◆ **What the exercise asks**
Pull out every line below that holds the word "USERDEFINED".

◆ **Data excerpts**
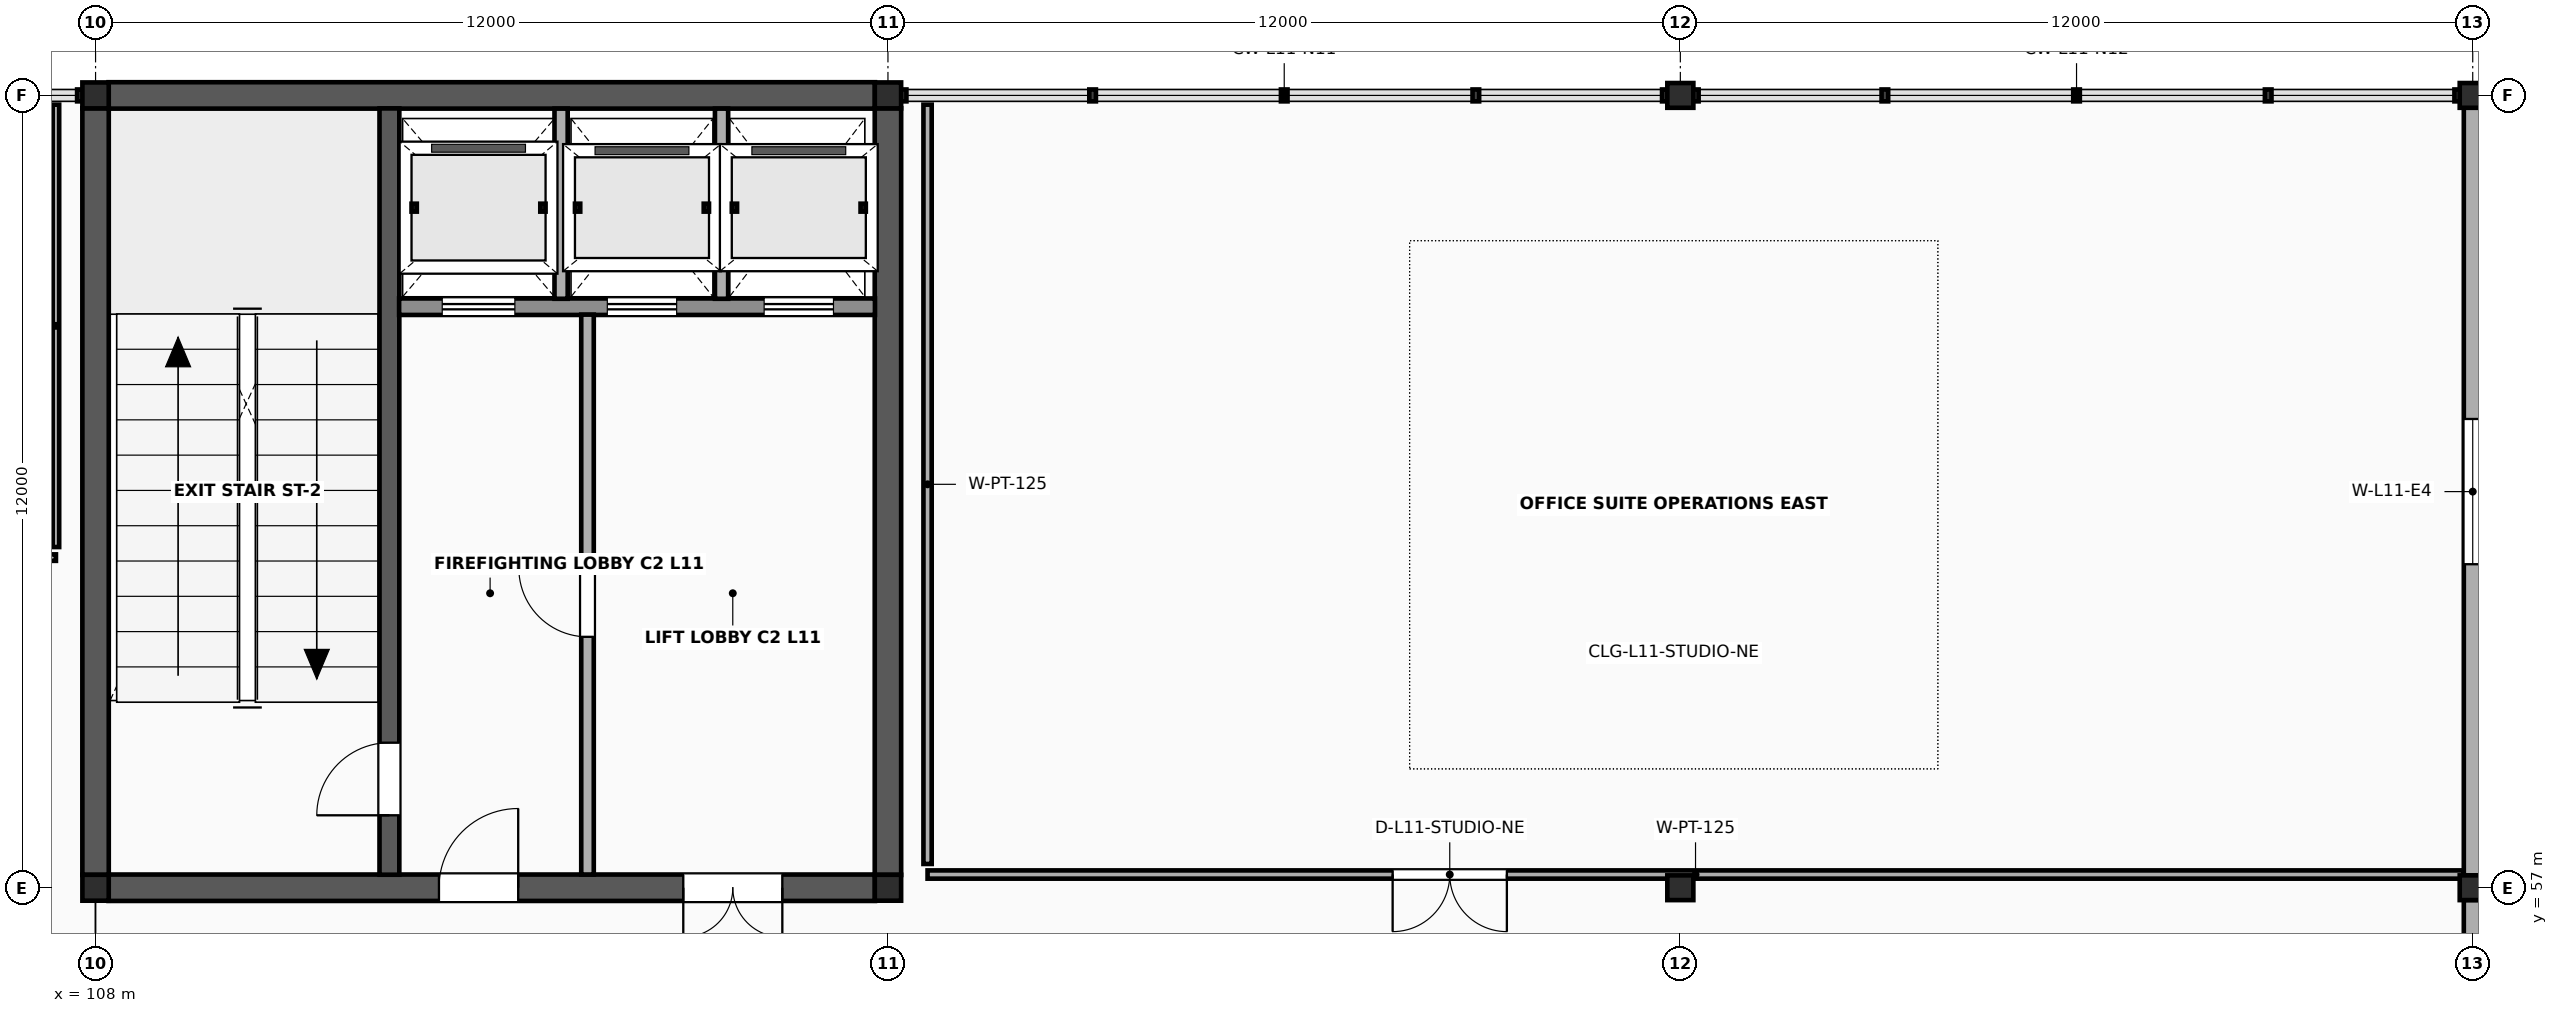
"""IFC4 building model, lengths in metres.
Left out: names, types, materials, properties, quantities, classifications, styles, units other than length and angle.
Written with IfcOpenShell. Run it as: python <this file> out.ifc"""

import sys

from ifc_helpers import new_model, si_unit, direction, frame, frame_2d, origin, origin_2d, place, context, subcontext, project, spatial, rectangle, i_section, extrude, element, fill, save


model = new_model("IFC4")
c1 = context("Model", 3, precision=1e-05, world=origin(), true_north=direction((0.0, 1.0)))
c2 = subcontext(c1, "Body", "Model", "MODEL_VIEW")
j1 = project(units=[si_unit("LENGTHUNIT", "METRE"), si_unit("PLANEANGLEUNIT", "RADIAN")], contexts=[c1])
p1 = place(None, origin())
s1 = spatial("IfcSite", under=j1, at=p1, CompositionType="ELEMENT")
p2 = place(p1, origin())
s2 = spatial("IfcBuilding", under=s1, at=p2, CompositionType="ELEMENT")
p3 = place(p2, frame((0.0, 0.0, 45.6)))
s3 = spatial("IfcBuildingStorey", under=s2, at=p3, CompositionType="ELEMENT", Elevation=45.6)
for number, where, z_axis, x_axis in (
    (1, (108.0, 57.0, 0.0), (0.0, 0.0, 1.0), (1.0, 0.0, 0.0)),
    (2, (108.0, 69.0, 0.0), (0.0, 0.0, 1.0), (1.0, 0.0, 0.0)),
    (3, (120.0, 57.0, 0.0), (0.0, 0.0, 1.0), (1.0, 0.0, 0.0)),
    (4, (120.0, 69.0, 0.0), (0.0, 0.0, 1.0), (1.0, 0.0, 0.0)),
):
    element("IfcColumn", number, at=place(p3, frame(where, z_axis=z_axis, x_axis=x_axis)), inside=s3, PredefinedType="COLUMN", context=c2, shape_type="SweptSolid", body=[
        extrude(i_section(OverallWidth=0.399, OverallDepth=0.393, WebThickness=0.023, FlangeThickness=0.037, FilletRadius=0.018, at=origin_2d()), origin(), (0.0, 0.0, 1.0), 4.0),
    ])
for number, where, z_axis, x_axis in (
    (5, (132.0, 57.0, 0.0), (0.0, 0.0, 1.0), (1.0, 0.0, 0.0)),
    (6, (132.0, 69.0, 0.0), (0.0, 0.0, 1.0), (1.0, 0.0, 0.0)),
    (7, (144.0, 57.0, 0.0), (0.0, 0.0, 1.0), (1.0, 0.0, 0.0)),
    (8, (144.0, 69.0, 0.0), (0.0, 0.0, 1.0), (1.0, 0.0, 0.0)),
):
    element("IfcColumn", number, at=place(p3, frame(where, z_axis=z_axis, x_axis=x_axis)), inside=s3, PredefinedType="COLUMN", context=c2, shape_type="SweptSolid", body=[
        extrude(i_section(OverallWidth=0.394, OverallDepth=0.375, WebThickness=0.017, FlangeThickness=0.028, FilletRadius=0.018, at=origin_2d()), origin(), (0.0, 0.0, 1.0), 4.0),
    ])
p4 = place(p3, frame((108.197, 57.0, 0.0), z_axis=(0.0, 0.0, 1.0), x_axis=(1.0, 0.0, 0.0)))
e9 = element("IfcWall", 9, at=p4, inside=s3, PredefinedType="SHEAR", context=c2, shape_type="SweptSolid", body=[
    extrude(rectangle(XDim=11.607, YDim=0.4, at=frame_2d((5.803, 0.0))), origin(), (0.0, 0.0, 1.0), 3.843),
])
p5 = place(p4, frame((5.004, 0.0, 0.0)))
e10 = element("IfcOpeningElement", 10, at=p5, cuts=e9, PredefinedType="OPENING", context=c2, shape_type="SweptSolid", body=[
    extrude(rectangle(XDim=1.2, YDim=2.2, at=frame_2d((0.6, 1.1))), frame((0.0, 0.215, 0.0), z_axis=(0.0, -1.0, 0.0), x_axis=(1.0, 0.0, 0.0)), (0.0, 0.0, 1.0), 0.43),
])
p6 = place(p4, frame((8.704, 0.0, 0.0)))
e11 = element("IfcOpeningElement", 11, at=p6, cuts=e9, PredefinedType="OPENING", context=c2, shape_type="SweptSolid", body=[
    extrude(rectangle(XDim=1.5, YDim=2.25, at=frame_2d((0.75, 1.125))), frame((0.0, 0.215, 0.0), z_axis=(0.0, -1.0, 0.0), x_axis=(1.0, 0.0, 0.0)), (0.0, 0.0, 1.0), 0.43),
])
p7 = place(p3, frame((108.197, 69.0, 0.0), z_axis=(0.0, 0.0, 1.0), x_axis=(1.0, 0.0, 0.0)))
e12 = element("IfcWall", 12, at=p7, inside=s3, PredefinedType="SHEAR", context=c2, shape_type="SweptSolid", body=[
    extrude(rectangle(XDim=11.607, YDim=0.4, at=frame_2d((5.803, 0.0))), origin(), (0.0, 0.0, 1.0), 3.843),
])
for number, where, z_axis, x_axis in (
    (13, (108.0, 57.194, 0.0), (0.0, 0.0, 1.0), (0.0, 1.0, 0.0)),
    (14, (120.0, 57.194, 0.0), (0.0, 0.0, 1.0), (0.0, 1.0, 0.0)),
):
    element("IfcWall", number, at=place(p3, frame(where, z_axis=z_axis, x_axis=x_axis)), inside=s3, PredefinedType="SHEAR", context=c2, shape_type="SweptSolid", body=[
        extrude(rectangle(XDim=11.613, YDim=0.4, at=frame_2d((5.806, 0.0))), origin(), (0.0, 0.0, 1.0), 3.843),
    ])
p8 = place(p3, frame((112.45, 57.197, 0.0), z_axis=(0.0, 0.0, 1.0), x_axis=(0.0, 1.0, 0.0)))
e15 = element("IfcWall", 15, at=p8, inside=s3, PredefinedType="SHEAR", context=c2, shape_type="SweptSolid", body=[
    extrude(rectangle(XDim=11.606, YDim=0.3, at=frame_2d((5.803, 0.0))), origin(), (0.0, 0.0, 1.0), 3.843),
])
p9 = place(p8, frame((0.9, 0.0, 0.0)))
e16 = element("IfcOpeningElement", 16, at=p9, cuts=e15, PredefinedType="OPENING", context=c2, shape_type="SweptSolid", body=[
    extrude(rectangle(XDim=1.1, YDim=2.2, at=frame_2d((0.55, 1.1))), frame((0.0, 0.165, 0.0), z_axis=(0.0, -1.0, 0.0), x_axis=(1.0, 0.0, 0.0)), (0.0, 0.0, 1.0), 0.33),
])
p10 = place(p3, frame((112.597, 65.8, 0.0), z_axis=(0.0, 0.0, 1.0), x_axis=(1.0, 0.0, 0.0)))
e17 = element("IfcWall", 17, at=p10, inside=s3, PredefinedType="SOLIDWALL", context=c2, shape_type="SweptSolid", body=[
    extrude(rectangle(XDim=7.206, YDim=0.25, at=frame_2d((3.603, 0.0))), origin(), (0.0, 0.0, 1.0), 3.843),
])
p11 = place(p10, frame((0.653, 0.0, 0.0)))
e18 = element("IfcOpeningElement", 18, at=p11, cuts=e17, PredefinedType="OPENING", context=c2, shape_type="SweptSolid", body=[
    extrude(rectangle(XDim=1.1, YDim=2.24, at=frame_2d((0.55, 1.12))), frame((0.0, 0.14, 0.0), z_axis=(0.0, -1.0, 0.0), x_axis=(1.0, 0.0, 0.0)), (0.0, 0.0, 1.0), 0.28),
])
p12 = place(p10, frame((3.153, 0.0, 0.0)))
e19 = element("IfcOpeningElement", 19, at=p12, cuts=e17, PredefinedType="OPENING", context=c2, shape_type="SweptSolid", body=[
    extrude(rectangle(XDim=1.05, YDim=2.2, at=frame_2d((0.525, 1.1))), frame((0.0, 0.14, 0.0), z_axis=(0.0, -1.0, 0.0), x_axis=(1.0, 0.0, 0.0)), (0.0, 0.0, 1.0), 0.28),
])
p13 = place(p10, frame((5.528, 0.0, 0.0)))
e20 = element("IfcOpeningElement", 20, at=p13, cuts=e17, PredefinedType="OPENING", context=c2, shape_type="SweptSolid", body=[
    extrude(rectangle(XDim=1.05, YDim=2.2, at=frame_2d((0.525, 1.1))), frame((0.0, 0.14, 0.0), z_axis=(0.0, -1.0, 0.0), x_axis=(1.0, 0.0, 0.0)), (0.0, 0.0, 1.0), 0.28),
])
for number, where, z_axis, x_axis in (
    (21, (115.05, 65.92, 0.0), (0.0, 0.0, 1.0), (0.0, 1.0, 0.0)),
    (22, (117.48, 65.92, 0.0), (0.0, 0.0, 1.0), (0.0, 1.0, 0.0)),
):
    element("IfcWall", number, at=place(p3, frame(where, z_axis=z_axis, x_axis=x_axis)), inside=s3, PredefinedType="SOLIDWALL", context=c2, shape_type="SweptSolid", body=[
        extrude(rectangle(XDim=2.88, YDim=0.2, at=frame_2d((1.44, 0.0))), origin(), (0.0, 0.0, 1.0), 3.833),
    ])
p14 = place(p3, frame((115.45, 57.2, 0.0), z_axis=(0.0, 0.0, 1.0), x_axis=(0.0, 1.0, 0.0)))
e23 = element("IfcWall", 23, at=p14, inside=s3, PredefinedType="SOLIDWALL", context=c2, shape_type="SweptSolid", body=[
    extrude(rectangle(XDim=8.48, YDim=0.19, at=frame_2d((4.24, 0.0))), origin(), (0.0, 0.0, 1.0), 3.833),
])
p15 = place(p14, frame((3.6, 0.0, 0.0)))
e24 = element("IfcOpeningElement", 24, at=p15, cuts=e23, PredefinedType="OPENING", context=c2, shape_type="SweptSolid", body=[
    extrude(rectangle(XDim=1.04, YDim=2.18, at=frame_2d((0.52, 1.09))), frame((0.0, 0.11, 0.0), z_axis=(0.0, -1.0, 0.0), x_axis=(1.0, 0.0, 0.0)), (0.0, 0.0, 1.0), 0.22),
])
p16 = place(p3, frame((144.0, 45.186, 0.0), z_axis=(0.0, 0.0, 1.0), x_axis=(0.0, 1.0, 0.0)))
e25 = element("IfcWall", 25, at=p16, inside=s3, PredefinedType="SOLIDWALL", context=c2, shape_type="SweptSolid", body=[
    extrude(rectangle(XDim=11.629, YDim=0.27, at=frame_2d((5.814, 0.0))), origin(), (0.0, 0.0, 1.0), 3.236),
])
p17 = place(p16, frame((4.79, 0.0, 0.78)))
e26 = element("IfcOpeningElement", 26, at=p17, cuts=e25, PredefinedType="OPENING", context=c2, shape_type="SweptSolid", body=[
    extrude(rectangle(XDim=2.05, YDim=1.25, at=frame_2d((1.025, 0.625))), frame((0.0, 0.15, 0.0), z_axis=(0.0, -1.0, 0.0), x_axis=(1.0, 0.0, 0.0)), (0.0, 0.0, 1.0), 0.3),
])
p18 = place(p3, frame((144.0, 57.186, 0.0), z_axis=(0.0, 0.0, 1.0), x_axis=(0.0, 1.0, 0.0)))
e27 = element("IfcWall", 27, at=p18, inside=s3, PredefinedType="SOLIDWALL", context=c2, shape_type="SweptSolid", body=[
    extrude(rectangle(XDim=11.629, YDim=0.27, at=frame_2d((5.814, 0.0))), origin(), (0.0, 0.0, 1.0), 3.236),
])
p19 = place(p18, frame((4.714, 0.0, 0.78)))
e28 = element("IfcOpeningElement", 28, at=p19, cuts=e27, PredefinedType="OPENING", context=c2, shape_type="SweptSolid", body=[
    extrude(rectangle(XDim=2.2, YDim=1.25, at=frame_2d((1.1, 0.625))), frame((0.0, 0.15, 0.0), z_axis=(0.0, -1.0, 0.0), x_axis=(1.0, 0.0, 0.0)), (0.0, 0.0, 1.0), 0.3),
])
p20 = place(p3, frame((84.6, 62.0, 0.0), z_axis=(0.0, 0.0, 1.0), x_axis=(1.0, 0.0, 0.0)))
e29 = element("IfcWall", 29, at=p20, inside=s3, PredefinedType="PARTITIONING", context=c2, shape_type="SweptSolid", body=[
    extrude(rectangle(XDim=22.8, YDim=0.098, at=frame_2d((11.4, 0.0))), origin(), (0.0, 0.0, 1.0), 2.88),
])
p21 = place(p20, frame((10.845, 0.0, 0.0)))
e30 = element("IfcOpeningElement", 30, at=p21, cuts=e29, PredefinedType="OPENING", context=c2, shape_type="SweptSolid", body=[
    extrude(rectangle(XDim=1.11, YDim=2.21, at=frame_2d((0.555, 1.105))), frame((0.0, 0.064, 0.0), z_axis=(0.0, -1.0, 0.0), x_axis=(1.0, 0.0, 0.0)), (0.0, 0.0, 1.0), 0.128),
])
p22 = place(p3, frame((107.4, 62.16, 0.0), z_axis=(0.0, 0.0, 1.0), x_axis=(0.0, 1.0, 0.0)))
e31 = element("IfcWall", 31, at=p22, inside=s3, PredefinedType="PARTITIONING", context=c2, shape_type="SweptSolid", body=[
    extrude(rectangle(XDim=6.7, YDim=0.098, at=frame_2d((3.35, 0.0))), origin(), (0.0, 0.0, 1.0), 2.88),
])
p23 = place(p3, frame((120.6, 57.2, 0.0), z_axis=(0.0, 0.0, 1.0), x_axis=(1.0, 0.0, 0.0)))
e32 = element("IfcWall", 32, at=p23, inside=s3, PredefinedType="PARTITIONING", context=c2, shape_type="SweptSolid", body=[
    extrude(rectangle(XDim=23.26, YDim=0.125, at=frame_2d((11.63, 0.0))), origin(), (0.0, 0.0, 1.0), 2.88),
])
p24 = place(p23, frame((7.043, 0.0, 0.0)))
e33 = element("IfcOpeningElement", 33, at=p24, cuts=e32, PredefinedType="OPENING", context=c2, shape_type="SweptSolid", body=[
    extrude(rectangle(XDim=1.73, YDim=2.37, at=frame_2d((0.865, 1.185))), frame((0.0, 0.077, 0.0), z_axis=(0.0, -1.0, 0.0), x_axis=(1.0, 0.0, 0.0)), (0.0, 0.0, 1.0), 0.155),
])
p25 = place(p3, frame((120.6, 57.36, 0.0), z_axis=(0.0, 0.0, 1.0), x_axis=(0.0, 1.0, 0.0)))
e34 = element("IfcWall", 34, at=p25, inside=s3, PredefinedType="PARTITIONING", context=c2, shape_type="SweptSolid", body=[
    extrude(rectangle(XDim=11.5, YDim=0.125, at=frame_2d((5.75, 0.0))), origin(), (0.0, 0.0, 1.0), 2.88),
])
p26 = place(p19, origin())
e35 = element("IfcWindow", 35, at=p26, inside=s3, PartitioningType="DOUBLE_PANEL_VERTICAL", PredefinedType="WINDOW", context=c2, shape_type="SweptSolid", body=[
    extrude(rectangle(XDim=2.2, YDim=1.25, at=frame_2d((1.1, 0.625))), frame((0.0, 0.03, 0.0), z_axis=(0.0, -1.0, 0.0), x_axis=(1.0, 0.0, 0.0)), (0.0, 0.0, 1.0), 0.06),
])
fill(e28, e35)
p27 = place(p9, origin())
e36 = element("IfcDoor", 36, at=p27, inside=s3, OperationType="SINGLE_SWING_LEFT", PredefinedType="DOOR", context=c2, shape_type="SweptSolid", body=[
    extrude(rectangle(XDim=1.1, YDim=2.2, at=frame_2d((0.55, 1.1))), frame((0.0, 0.025, 0.0), z_axis=(0.0, -1.0, 0.0), x_axis=(1.0, 0.0, 0.0)), (0.0, 0.0, 1.0), 0.05),
])
fill(e16, e36)
p28 = place(p15, origin())
e37 = element("IfcDoor", 37, at=p28, inside=s3, OperationType="SINGLE_SWING_RIGHT", PredefinedType="DOOR", context=c2, shape_type="SweptSolid", body=[
    extrude(rectangle(XDim=1.04, YDim=2.18, at=frame_2d((0.52, 1.09))), frame((0.0, 0.025, 0.0), z_axis=(0.0, -1.0, 0.0), x_axis=(1.0, 0.0, 0.0)), (0.0, 0.0, 1.0), 0.05),
])
fill(e24, e37)
p29 = place(p5, origin())
e38 = element("IfcDoor", 38, at=p29, inside=s3, OperationType="SINGLE_SWING_RIGHT", PredefinedType="DOOR", context=c2, shape_type="SweptSolid", body=[
    extrude(rectangle(XDim=1.2, YDim=2.2, at=frame_2d((0.6, 1.1))), frame((0.0, 0.025, 0.0), z_axis=(0.0, -1.0, 0.0), x_axis=(1.0, 0.0, 0.0)), (0.0, 0.0, 1.0), 0.05),
])
fill(e10, e38)
p30 = place(p6, origin())
e39 = element("IfcDoor", 39, at=p30, inside=s3, OperationType="DOUBLE_DOOR_SINGLE_SWING", PredefinedType="DOOR", context=c2, shape_type="SweptSolid", body=[
    extrude(rectangle(XDim=1.5, YDim=2.25, at=frame_2d((0.75, 1.125))), frame((0.0, 0.025, 0.0), z_axis=(0.0, -1.0, 0.0), x_axis=(1.0, 0.0, 0.0)), (0.0, 0.0, 1.0), 0.05),
])
fill(e11, e39)
p31 = place(p11, origin())
e40 = element("IfcDoor", 40, at=p31, inside=s3, OperationType="SLIDING_TO_LEFT", PredefinedType="USERDEFINED", context=c2, shape_type="SweptSolid", body=[
    extrude(rectangle(XDim=1.1, YDim=2.24, at=frame_2d((0.55, 1.12))), frame((0.0, 0.025, 0.0), z_axis=(0.0, -1.0, 0.0), x_axis=(1.0, 0.0, 0.0)), (0.0, 0.0, 1.0), 0.05),
])
fill(e18, e40)
p32 = place(p12, origin())
e41 = element("IfcDoor", 41, at=p32, inside=s3, OperationType="SLIDING_TO_LEFT", PredefinedType="USERDEFINED", context=c2, shape_type="SweptSolid", body=[
    extrude(rectangle(XDim=1.05, YDim=2.2, at=frame_2d((0.525, 1.1))), frame((0.0, 0.025, 0.0), z_axis=(0.0, -1.0, 0.0), x_axis=(1.0, 0.0, 0.0)), (0.0, 0.0, 1.0), 0.05),
])
fill(e19, e41)
p33 = place(p13, origin())
e42 = element("IfcDoor", 42, at=p33, inside=s3, OperationType="SLIDING_TO_LEFT", PredefinedType="USERDEFINED", context=c2, shape_type="SweptSolid", body=[
    extrude(rectangle(XDim=1.05, YDim=2.2, at=frame_2d((0.525, 1.1))), frame((0.0, 0.025, 0.0), z_axis=(0.0, -1.0, 0.0), x_axis=(1.0, 0.0, 0.0)), (0.0, 0.0, 1.0), 0.05),
])
fill(e20, e42)
p34 = place(p24, origin())
e43 = element("IfcDoor", 43, at=p34, inside=s3, OperationType="DOUBLE_DOOR_SINGLE_SWING", PredefinedType="DOOR", context=c2, shape_type="SweptSolid", body=[
    extrude(rectangle(XDim=1.73, YDim=2.37, at=frame_2d((0.865, 1.185))), frame((0.0, 0.025, 0.0), z_axis=(0.0, -1.0, 0.0), x_axis=(1.0, 0.0, 0.0)), (0.0, 0.0, 1.0), 0.05),
])
fill(e33, e43)
save(model, sys.argv[1])

◆ **Answer area**
e40 = element("IfcDoor", 40, at=p31, inside=s3, OperationType="SLIDING_TO_LEFT", PredefinedType="USERDEFINED", context=c2, shape_type="SweptSolid", body=[
e41 = element("IfcDoor", 41, at=p32, inside=s3, OperationType="SLIDING_TO_LEFT", PredefinedType="USERDEFINED", context=c2, shape_type="SweptSolid", body=[
e42 = element("IfcDoor", 42, at=p33, inside=s3, OperationType="SLIDING_TO_LEFT", PredefinedType="USERDEFINED", context=c2, shape_type="SweptSolid", body=[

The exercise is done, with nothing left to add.